• YOUR ASSIGNMENT: The answer should consist solely of the lines from the first one below through the line containing "# M8 Hex Socket", copied exactly.

[Data entries]

-*-

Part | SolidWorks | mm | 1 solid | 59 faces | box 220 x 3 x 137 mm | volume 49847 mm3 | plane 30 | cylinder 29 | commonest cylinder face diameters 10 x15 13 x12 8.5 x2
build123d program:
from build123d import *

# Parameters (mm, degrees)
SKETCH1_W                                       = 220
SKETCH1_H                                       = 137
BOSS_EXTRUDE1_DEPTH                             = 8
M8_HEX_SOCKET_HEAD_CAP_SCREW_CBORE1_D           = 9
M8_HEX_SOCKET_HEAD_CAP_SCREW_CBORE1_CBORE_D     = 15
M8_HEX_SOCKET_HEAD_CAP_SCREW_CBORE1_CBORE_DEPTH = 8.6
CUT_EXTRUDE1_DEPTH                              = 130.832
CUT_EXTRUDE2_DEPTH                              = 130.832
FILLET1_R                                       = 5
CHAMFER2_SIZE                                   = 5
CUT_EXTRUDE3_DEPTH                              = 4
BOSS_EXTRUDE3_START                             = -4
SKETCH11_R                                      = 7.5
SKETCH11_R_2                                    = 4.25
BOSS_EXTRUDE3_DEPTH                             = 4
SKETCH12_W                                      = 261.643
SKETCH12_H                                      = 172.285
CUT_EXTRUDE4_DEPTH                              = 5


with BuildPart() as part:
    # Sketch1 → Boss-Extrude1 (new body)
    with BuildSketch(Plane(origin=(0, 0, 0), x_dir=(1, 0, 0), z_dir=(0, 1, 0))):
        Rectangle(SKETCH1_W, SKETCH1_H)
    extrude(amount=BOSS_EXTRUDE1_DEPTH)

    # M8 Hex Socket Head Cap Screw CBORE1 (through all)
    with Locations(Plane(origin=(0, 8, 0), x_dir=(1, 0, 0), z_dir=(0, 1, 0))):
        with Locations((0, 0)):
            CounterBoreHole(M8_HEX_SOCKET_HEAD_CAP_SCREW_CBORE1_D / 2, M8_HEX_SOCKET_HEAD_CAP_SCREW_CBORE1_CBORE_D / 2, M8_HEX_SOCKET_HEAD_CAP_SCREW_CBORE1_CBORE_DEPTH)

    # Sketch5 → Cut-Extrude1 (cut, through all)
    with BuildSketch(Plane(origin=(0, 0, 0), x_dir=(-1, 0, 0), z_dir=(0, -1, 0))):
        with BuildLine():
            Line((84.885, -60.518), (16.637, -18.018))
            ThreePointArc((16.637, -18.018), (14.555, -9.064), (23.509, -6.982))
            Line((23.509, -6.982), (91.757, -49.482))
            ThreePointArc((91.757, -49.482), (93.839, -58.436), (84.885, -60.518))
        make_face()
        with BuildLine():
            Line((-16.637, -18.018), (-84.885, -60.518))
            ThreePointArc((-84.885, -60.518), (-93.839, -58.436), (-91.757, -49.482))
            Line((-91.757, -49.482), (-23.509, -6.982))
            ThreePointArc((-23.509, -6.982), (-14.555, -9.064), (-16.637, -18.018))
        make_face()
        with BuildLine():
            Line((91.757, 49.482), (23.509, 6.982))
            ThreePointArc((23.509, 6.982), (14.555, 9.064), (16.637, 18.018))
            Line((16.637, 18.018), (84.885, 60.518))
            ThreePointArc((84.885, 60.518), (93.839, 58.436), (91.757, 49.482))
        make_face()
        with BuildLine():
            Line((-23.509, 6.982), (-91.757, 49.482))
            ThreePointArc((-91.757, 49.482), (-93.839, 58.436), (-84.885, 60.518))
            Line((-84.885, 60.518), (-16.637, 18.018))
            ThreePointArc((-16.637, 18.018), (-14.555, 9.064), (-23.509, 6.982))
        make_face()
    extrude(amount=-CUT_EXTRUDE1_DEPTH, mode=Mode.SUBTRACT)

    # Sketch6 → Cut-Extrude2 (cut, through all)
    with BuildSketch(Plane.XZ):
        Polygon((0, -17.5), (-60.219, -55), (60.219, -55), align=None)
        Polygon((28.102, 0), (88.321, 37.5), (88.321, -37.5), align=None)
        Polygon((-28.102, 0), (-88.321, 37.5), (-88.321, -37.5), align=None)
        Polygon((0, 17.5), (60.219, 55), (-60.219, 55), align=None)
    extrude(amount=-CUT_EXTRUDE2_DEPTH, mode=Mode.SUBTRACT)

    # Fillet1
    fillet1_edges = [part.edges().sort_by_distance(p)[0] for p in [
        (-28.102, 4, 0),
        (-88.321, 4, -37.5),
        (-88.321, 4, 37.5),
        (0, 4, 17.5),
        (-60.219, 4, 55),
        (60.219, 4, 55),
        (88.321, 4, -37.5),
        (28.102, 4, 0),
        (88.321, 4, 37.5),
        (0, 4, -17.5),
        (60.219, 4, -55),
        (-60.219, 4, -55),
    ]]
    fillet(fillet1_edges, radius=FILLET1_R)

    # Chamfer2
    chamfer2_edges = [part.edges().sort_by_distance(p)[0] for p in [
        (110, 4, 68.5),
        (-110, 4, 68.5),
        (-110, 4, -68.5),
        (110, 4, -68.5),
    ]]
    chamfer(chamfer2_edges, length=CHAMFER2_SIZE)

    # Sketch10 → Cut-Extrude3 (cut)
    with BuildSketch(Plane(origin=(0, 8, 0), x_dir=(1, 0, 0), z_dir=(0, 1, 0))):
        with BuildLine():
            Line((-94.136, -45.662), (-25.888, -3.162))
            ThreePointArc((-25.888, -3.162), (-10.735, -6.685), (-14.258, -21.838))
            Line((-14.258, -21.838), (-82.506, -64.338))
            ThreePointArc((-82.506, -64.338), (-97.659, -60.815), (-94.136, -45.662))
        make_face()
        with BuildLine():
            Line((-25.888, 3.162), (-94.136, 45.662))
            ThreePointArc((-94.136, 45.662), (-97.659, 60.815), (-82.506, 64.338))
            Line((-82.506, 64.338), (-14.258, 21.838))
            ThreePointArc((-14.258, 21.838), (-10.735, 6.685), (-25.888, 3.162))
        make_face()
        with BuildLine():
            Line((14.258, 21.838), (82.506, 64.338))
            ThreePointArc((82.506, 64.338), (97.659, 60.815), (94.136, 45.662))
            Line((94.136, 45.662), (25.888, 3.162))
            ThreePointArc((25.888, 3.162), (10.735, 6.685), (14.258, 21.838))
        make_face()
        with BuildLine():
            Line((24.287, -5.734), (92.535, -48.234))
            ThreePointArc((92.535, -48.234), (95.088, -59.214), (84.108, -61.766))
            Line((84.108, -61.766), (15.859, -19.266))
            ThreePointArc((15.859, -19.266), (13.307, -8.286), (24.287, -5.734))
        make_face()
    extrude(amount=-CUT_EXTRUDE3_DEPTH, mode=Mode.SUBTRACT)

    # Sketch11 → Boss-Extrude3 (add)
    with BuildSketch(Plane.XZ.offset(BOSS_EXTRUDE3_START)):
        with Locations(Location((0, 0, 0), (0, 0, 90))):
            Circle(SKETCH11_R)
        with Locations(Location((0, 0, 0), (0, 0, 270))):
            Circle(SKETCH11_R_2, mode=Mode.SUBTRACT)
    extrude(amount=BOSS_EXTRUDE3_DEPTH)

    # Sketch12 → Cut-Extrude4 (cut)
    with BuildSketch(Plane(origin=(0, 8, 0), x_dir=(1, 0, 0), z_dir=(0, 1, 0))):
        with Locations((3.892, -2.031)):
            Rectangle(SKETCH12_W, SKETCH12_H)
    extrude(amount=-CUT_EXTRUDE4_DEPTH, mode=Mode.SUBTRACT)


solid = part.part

-*-

• RESULT FOR THIS EXERCISE:
Part | SolidWorks | mm | 1 solid | 59 faces | box 220 x 3 x 137 mm | volume 49847 mm3 | plane 30 | cylinder 29 | commonest cylinder face diameters 10 x15 13 x12 8.5 x2
build123d program:
from build123d import *

# Parameters (mm, degrees)
SKETCH1_W                                       = 220
SKETCH1_H                                       = 137
BOSS_EXTRUDE1_DEPTH                             = 8
M8_HEX_SOCKET_HEAD_CAP_SCREW_CBORE1_D           = 9
M8_HEX_SOCKET_HEAD_CAP_SCREW_CBORE1_CBORE_D     = 15
M8_HEX_SOCKET_HEAD_CAP_SCREW_CBORE1_CBORE_DEPTH = 8.6
CUT_EXTRUDE1_DEPTH                              = 130.832
CUT_EXTRUDE2_DEPTH                              = 130.832
FILLET1_R                                       = 5
CHAMFER2_SIZE                                   = 5
CUT_EXTRUDE3_DEPTH                              = 4
BOSS_EXTRUDE3_START                             = -4
SKETCH11_R                                      = 7.5
SKETCH11_R_2                                    = 4.25
BOSS_EXTRUDE3_DEPTH                             = 4
SKETCH12_W                                      = 261.643
SKETCH12_H                                      = 172.285
CUT_EXTRUDE4_DEPTH                              = 5


with BuildPart() as part:
    # Sketch1 → Boss-Extrude1 (new body)
    with BuildSketch(Plane(origin=(0, 0, 0), x_dir=(1, 0, 0), z_dir=(0, 1, 0))):
        Rectangle(SKETCH1_W, SKETCH1_H)
    extrude(amount=BOSS_EXTRUDE1_DEPTH)

    # M8 Hex Socket Head Cap Screw CBORE1 (through all)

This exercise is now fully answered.